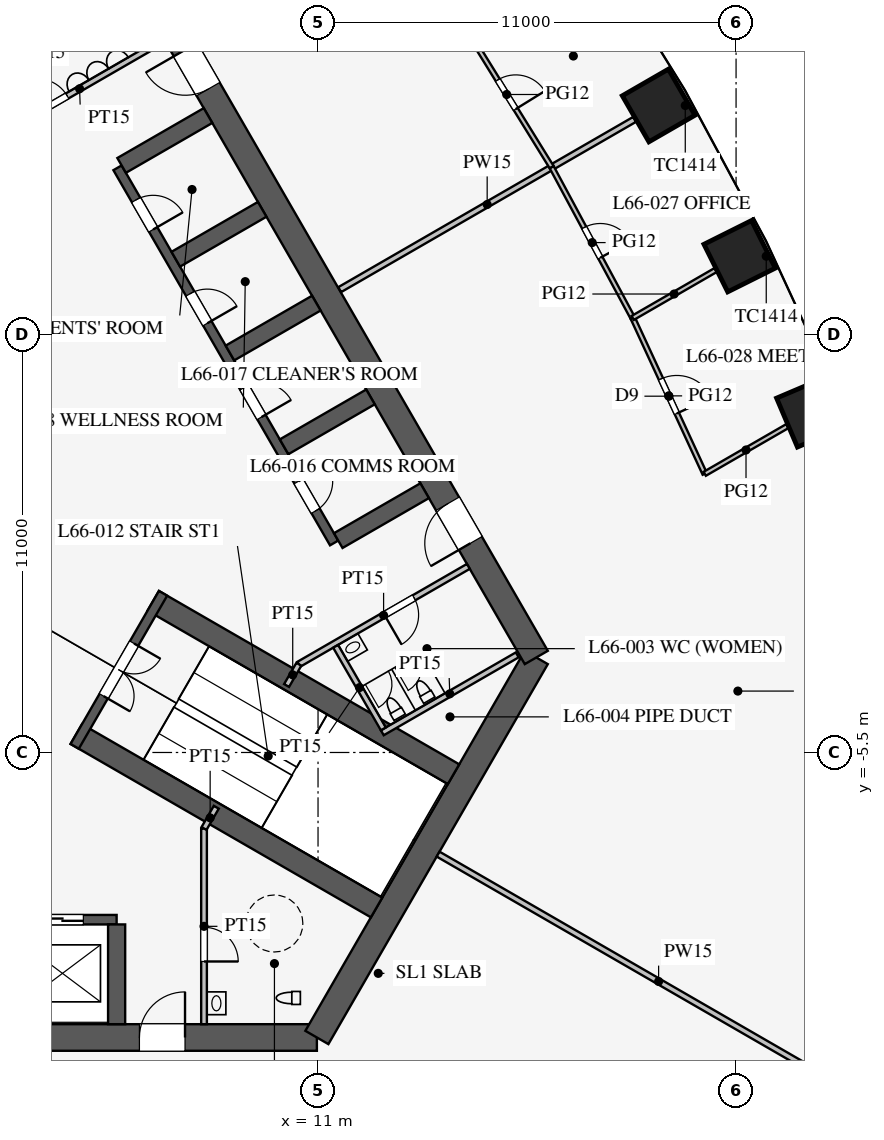
"""IFC4 building model, lengths in metres.
Left out: names, types, materials, properties, quantities, classifications, styles, units other than length and angle.
Written with IfcOpenShell. Run it as: python <this file> out.ifc"""

import sys

from ifc_helpers import new_model, si_unit, direction, frame, frame_2d, origin, origin_2d, place, context, subcontext, project, spatial, rectangle, extrude, element, fill, save


model = new_model("IFC4")
c1 = context("Model", 3, precision=1e-05, world=origin(), true_north=direction((0.0, 1.0)))
c2 = subcontext(c1, "Body", "Model", "MODEL_VIEW")
j1 = project(units=[si_unit("LENGTHUNIT", "METRE"), si_unit("PLANEANGLEUNIT", "RADIAN")], contexts=[c1])
p1 = place(None, origin())
s1 = spatial("IfcSite", under=j1, at=p1, CompositionType="ELEMENT")
p2 = place(p1, origin())
s2 = spatial("IfcBuilding", under=s1, at=p2, CompositionType="ELEMENT")
p3 = place(p2, frame((0.0, 0.0, 288.9)))
s3 = spatial("IfcBuildingStorey", under=s2, at=p3, CompositionType="ELEMENT", Elevation=288.9)
for number, where, z_axis, x_axis in (
    (1, (23.985, 3.455, 0.0), (0.0, 0.0, 1.0), (-0.391, 0.92, 0.0)),
    (2, (22.094, 7.56, 0.0), (0.0, 0.0, 1.0), (-0.447, 0.895, 0.0)),
    (3, (19.963, 11.526, 0.0), (0.0, 0.0, 1.0), (-0.5, 0.866, 0.0)),
):
    element("IfcColumn", number, at=place(p3, frame(where, z_axis=z_axis, x_axis=x_axis)), inside=s3, PredefinedType="COLUMN", context=c2, shape_type="SweptSolid", body=[
        extrude(rectangle(XDim=1.4, YDim=1.4, at=origin_2d()), origin(), (0.0, 0.0, 1.0), 4.2),
    ])
p4 = place(p3, frame((-10.97, -13.0, 0.0), z_axis=(0.0, 0.0, 1.0), x_axis=(1.0, 0.0, 0.0)))
e4 = element("IfcWall", 4, at=p4, inside=s3, PredefinedType="SHEAR", context=c2, shape_type="SweptSolid", body=[
    extrude(rectangle(XDim=21.939, YDim=0.7, at=frame_2d((10.97, 0.0))), origin(), (0.0, 0.0, 1.0), 4.2),
])
p5 = place(p4, frame((17.27, 0.0, 0.0)))
e5 = element("IfcOpeningElement", 5, at=p5, cuts=e4, PredefinedType="OPENING", context=c2, shape_type="SweptSolid", body=[
    extrude(rectangle(XDim=1.2, YDim=2.1, at=frame_2d((0.6, 1.05))), frame((0.0, 0.36, 0.0), z_axis=(0.0, -1.0, 0.0), x_axis=(1.0, 0.0, 0.0)), (0.0, 0.0, 1.0), 0.72),
])
p6 = place(p4, frame((3.47, 0.0, 0.0)))
e6 = element("IfcOpeningElement", 6, at=p6, cuts=e4, PredefinedType="OPENING", context=c2, shape_type="SweptSolid", body=[
    extrude(rectangle(XDim=1.2, YDim=2.1, at=frame_2d((0.6, 1.05))), frame((0.0, 0.36, 0.0), z_axis=(0.0, -1.0, 0.0), x_axis=(1.0, 0.0, 0.0)), (0.0, 0.0, 1.0), 0.72),
])
p7 = place(p3, frame((10.97, -13.0, 0.0), z_axis=(0.0, 0.0, 1.0), x_axis=(0.499995765644, 0.866027848477, 0.0)))
e7 = element("IfcWall", 7, at=p7, inside=s3, PredefinedType="SHEAR", context=c2, shape_type="SweptSolid", body=[
    extrude(rectangle(XDim=11.547, YDim=0.7, at=frame_2d((5.773, 0.0))), origin(), (0.0, 0.0, 1.0), 4.2),
])
p8 = place(p3, frame((16.743, -3.0, 0.0), z_axis=(0.0, 0.0, 1.0), x_axis=(-0.500002442456, 0.866023993627, 0.0)))
e8 = element("IfcWall", 8, at=p8, inside=s3, PredefinedType="SHEAR", context=c2, shape_type="SweptSolid", body=[
    extrude(rectangle(XDim=21.939, YDim=0.7, at=frame_2d((10.97, 0.0))), origin(), (0.0, 0.0, 1.0), 4.2),
])
p9 = place(p8, frame((17.27, 0.0, 0.0)))
e9 = element("IfcOpeningElement", 9, at=p9, cuts=e8, PredefinedType="OPENING", context=c2, shape_type="SweptSolid", body=[
    extrude(rectangle(XDim=1.2, YDim=2.1, at=frame_2d((0.6, 1.05))), frame((0.0, 0.36, 0.0), z_axis=(0.0, -1.0, 0.0), x_axis=(1.0, 0.0, 0.0)), (0.0, 0.0, 1.0), 0.72),
])
p10 = place(p8, frame((3.47, 0.0, 0.0)))
e10 = element("IfcOpeningElement", 10, at=p10, cuts=e8, PredefinedType="OPENING", context=c2, shape_type="SweptSolid", body=[
    extrude(rectangle(XDim=1.2, YDim=2.1, at=frame_2d((0.6, 1.05))), frame((0.0, 0.36, 0.0), z_axis=(0.0, -1.0, 0.0), x_axis=(1.0, 0.0, 0.0)), (0.0, 0.0, 1.0), 0.72),
])
p11 = place(p3, frame((-5.7, -9.9, 0.0), z_axis=(0.0, 0.0, 1.0), x_axis=(1.0, 0.0, 0.0)))
e11 = element("IfcWall", 11, at=p11, inside=s3, PredefinedType="SHEAR", context=c2, shape_type="SweptSolid", body=[
    extrude(rectangle(XDim=11.4, YDim=0.25, at=frame_2d((5.7, 0.0))), origin(), (0.0, 0.0, 1.0), 4.2),
])
p12 = place(p11, frame((0.875, 0.0, 0.0)))
e12 = element("IfcOpeningElement", 12, at=p12, cuts=e11, PredefinedType="OPENING", context=c2, shape_type="SweptSolid", body=[
    extrude(rectangle(XDim=1.1, YDim=2.2, at=frame_2d((0.55, 1.1))), frame((0.0, 0.135, 0.0), z_axis=(0.0, -1.0, 0.0), x_axis=(1.0, 0.0, 0.0)), (0.0, 0.0, 1.0), 0.27),
])
p13 = place(p11, frame((3.725, 0.0, 0.0)))
e13 = element("IfcOpeningElement", 13, at=p13, cuts=e11, PredefinedType="OPENING", context=c2, shape_type="SweptSolid", body=[
    extrude(rectangle(XDim=1.1, YDim=2.2, at=frame_2d((0.55, 1.1))), frame((0.0, 0.135, 0.0), z_axis=(0.0, -1.0, 0.0), x_axis=(1.0, 0.0, 0.0)), (0.0, 0.0, 1.0), 0.27),
])
p14 = place(p11, frame((6.575, 0.0, 0.0)))
e14 = element("IfcOpeningElement", 14, at=p14, cuts=e11, PredefinedType="OPENING", context=c2, shape_type="SweptSolid", body=[
    extrude(rectangle(XDim=1.1, YDim=2.2, at=frame_2d((0.55, 1.1))), frame((0.0, 0.135, 0.0), z_axis=(0.0, -1.0, 0.0), x_axis=(1.0, 0.0, 0.0)), (0.0, 0.0, 1.0), 0.27),
])
p15 = place(p11, frame((9.425, 0.0, 0.0)))
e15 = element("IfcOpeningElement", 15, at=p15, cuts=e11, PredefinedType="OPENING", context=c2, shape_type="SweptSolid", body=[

▸ What you are asked to do
Return all of the records above exactly as written. Omit each picture.

▸ Response to the task
"""IFC4 building model, lengths in metres.
Left out: names, types, materials, properties, quantities, classifications, styles, units other than length and angle.
Written with IfcOpenShell. Run it as: python <this file> out.ifc"""

import sys

from ifc_helpers import new_model, si_unit, direction, frame, frame_2d, origin, origin_2d, place, context, subcontext, project, spatial, rectangle, extrude, element, fill, save


model = new_model("IFC4")
c1 = context("Model", 3, precision=1e-05, world=origin(), true_north=direction((0.0, 1.0)))
c2 = subcontext(c1, "Body", "Model", "MODEL_VIEW")
j1 = project(units=[si_unit("LENGTHUNIT", "METRE"), si_unit("PLANEANGLEUNIT", "RADIAN")], contexts=[c1])
p1 = place(None, origin())
s1 = spatial("IfcSite", under=j1, at=p1, CompositionType="ELEMENT")
p2 = place(p1, origin())
s2 = spatial("IfcBuilding", under=s1, at=p2, CompositionType="ELEMENT")
p3 = place(p2, frame((0.0, 0.0, 288.9)))
s3 = spatial("IfcBuildingStorey", under=s2, at=p3, CompositionType="ELEMENT", Elevation=288.9)
for number, where, z_axis, x_axis in (
    (1, (23.985, 3.455, 0.0), (0.0, 0.0, 1.0), (-0.391, 0.92, 0.0)),
    (2, (22.094, 7.56, 0.0), (0.0, 0.0, 1.0), (-0.447, 0.895, 0.0)),
    (3, (19.963, 11.526, 0.0), (0.0, 0.0, 1.0), (-0.5, 0.866, 0.0)),
):
    element("IfcColumn", number, at=place(p3, frame(where, z_axis=z_axis, x_axis=x_axis)), inside=s3, PredefinedType="COLUMN", context=c2, shape_type="SweptSolid", body=[
        extrude(rectangle(XDim=1.4, YDim=1.4, at=origin_2d()), origin(), (0.0, 0.0, 1.0), 4.2),
    ])
p4 = place(p3, frame((-10.97, -13.0, 0.0), z_axis=(0.0, 0.0, 1.0), x_axis=(1.0, 0.0, 0.0)))
e4 = element("IfcWall", 4, at=p4, inside=s3, PredefinedType="SHEAR", context=c2, shape_type="SweptSolid", body=[
    extrude(rectangle(XDim=21.939, YDim=0.7, at=frame_2d((10.97, 0.0))), origin(), (0.0, 0.0, 1.0), 4.2),
])
p5 = place(p4, frame((17.27, 0.0, 0.0)))
e5 = element("IfcOpeningElement", 5, at=p5, cuts=e4, PredefinedType="OPENING", context=c2, shape_type="SweptSolid", body=[
    extrude(rectangle(XDim=1.2, YDim=2.1, at=frame_2d((0.6, 1.05))), frame((0.0, 0.36, 0.0), z_axis=(0.0, -1.0, 0.0), x_axis=(1.0, 0.0, 0.0)), (0.0, 0.0, 1.0), 0.72),
])
p6 = place(p4, frame((3.47, 0.0, 0.0)))
e6 = element("IfcOpeningElement", 6, at=p6, cuts=e4, PredefinedType="OPENING", context=c2, shape_type="SweptSolid", body=[
    extrude(rectangle(XDim=1.2, YDim=2.1, at=frame_2d((0.6, 1.05))), frame((0.0, 0.36, 0.0), z_axis=(0.0, -1.0, 0.0), x_axis=(1.0, 0.0, 0.0)), (0.0, 0.0, 1.0), 0.72),
])
p7 = place(p3, frame((10.97, -13.0, 0.0), z_axis=(0.0, 0.0, 1.0), x_axis=(0.499995765644, 0.866027848477, 0.0)))
e7 = element("IfcWall", 7, at=p7, inside=s3, PredefinedType="SHEAR", context=c2, shape_type="SweptSolid", body=[
    extrude(rectangle(XDim=11.547, YDim=0.7, at=frame_2d((5.773, 0.0))), origin(), (0.0, 0.0, 1.0), 4.2),
])
p8 = place(p3, frame((16.743, -3.0, 0.0), z_axis=(0.0, 0.0, 1.0), x_axis=(-0.500002442456, 0.866023993627, 0.0)))
e8 = element("IfcWall", 8, at=p8, inside=s3, PredefinedType="SHEAR", context=c2, shape_type="SweptSolid", body=[
    extrude(rectangle(XDim=21.939, YDim=0.7, at=frame_2d((10.97, 0.0))), origin(), (0.0, 0.0, 1.0), 4.2),
])
p9 = place(p8, frame((17.27, 0.0, 0.0)))
e9 = element("IfcOpeningElement", 9, at=p9, cuts=e8, PredefinedType="OPENING", context=c2, shape_type="SweptSolid", body=[
    extrude(rectangle(XDim=1.2, YDim=2.1, at=frame_2d((0.6, 1.05))), frame((0.0, 0.36, 0.0), z_axis=(0.0, -1.0, 0.0), x_axis=(1.0, 0.0, 0.0)), (0.0, 0.0, 1.0), 0.72),
])
p10 = place(p8, frame((3.47, 0.0, 0.0)))
e10 = element("IfcOpeningElement", 10, at=p10, cuts=e8, PredefinedType="OPENING", context=c2, shape_type="SweptSolid", body=[
    extrude(rectangle(XDim=1.2, YDim=2.1, at=frame_2d((0.6, 1.05))), frame((0.0, 0.36, 0.0), z_axis=(0.0, -1.0, 0.0), x_axis=(1.0, 0.0, 0.0)), (0.0, 0.0, 1.0), 0.72),
])
p11 = place(p3, frame((-5.7, -9.9, 0.0), z_axis=(0.0, 0.0, 1.0), x_axis=(1.0, 0.0, 0.0)))
e11 = element("IfcWall", 11, at=p11, inside=s3, PredefinedType="SHEAR", context=c2, shape_type="SweptSolid", body=[
    extrude(rectangle(XDim=11.4, YDim=0.25, at=frame_2d((5.7, 0.0))), origin(), (0.0, 0.0, 1.0), 4.2),
])
p12 = place(p11, frame((0.875, 0.0, 0.0)))
e12 = element("IfcOpeningElement", 12, at=p12, cuts=e11, PredefinedType="OPENING", context=c2, shape_type="SweptSolid", body=[
    extrude(rectangle(XDim=1.1, YDim=2.2, at=frame_2d((0.55, 1.1))), frame((0.0, 0.135, 0.0), z_axis=(0.0, -1.0, 0.0), x_axis=(1.0, 0.0, 0.0)), (0.0, 0.0, 1.0), 0.27),
])
p13 = place(p11, frame((3.725, 0.0, 0.0)))
e13 = element("IfcOpeningElement", 13, at=p13, cuts=e11, PredefinedType="OPENING", context=c2, shape_type="SweptSolid", body=[
    extrude(rectangle(XDim=1.1, YDim=2.2, at=frame_2d((0.55, 1.1))), frame((0.0, 0.135, 0.0), z_axis=(0.0, -1.0, 0.0), x_axis=(1.0, 0.0, 0.0)), (0.0, 0.0, 1.0), 0.27),
])
p14 = place(p11, frame((6.575, 0.0, 0.0)))
e14 = element("IfcOpeningElement", 14, at=p14, cuts=e11, PredefinedType="OPENING", context=c2, shape_type="SweptSolid", body=[
    extrude(rectangle(XDim=1.1, YDim=2.2, at=frame_2d((0.55, 1.1))), frame((0.0, 0.135, 0.0), z_axis=(0.0, -1.0, 0.0), x_axis=(1.0, 0.0, 0.0)), (0.0, 0.0, 1.0), 0.27),
])
p15 = place(p11, frame((9.425, 0.0, 0.0)))
e15 = element("IfcOpeningElement", 15, at=p15, cuts=e11, PredefinedType="OPENING", context=c2, shape_type="SweptSolid", body=[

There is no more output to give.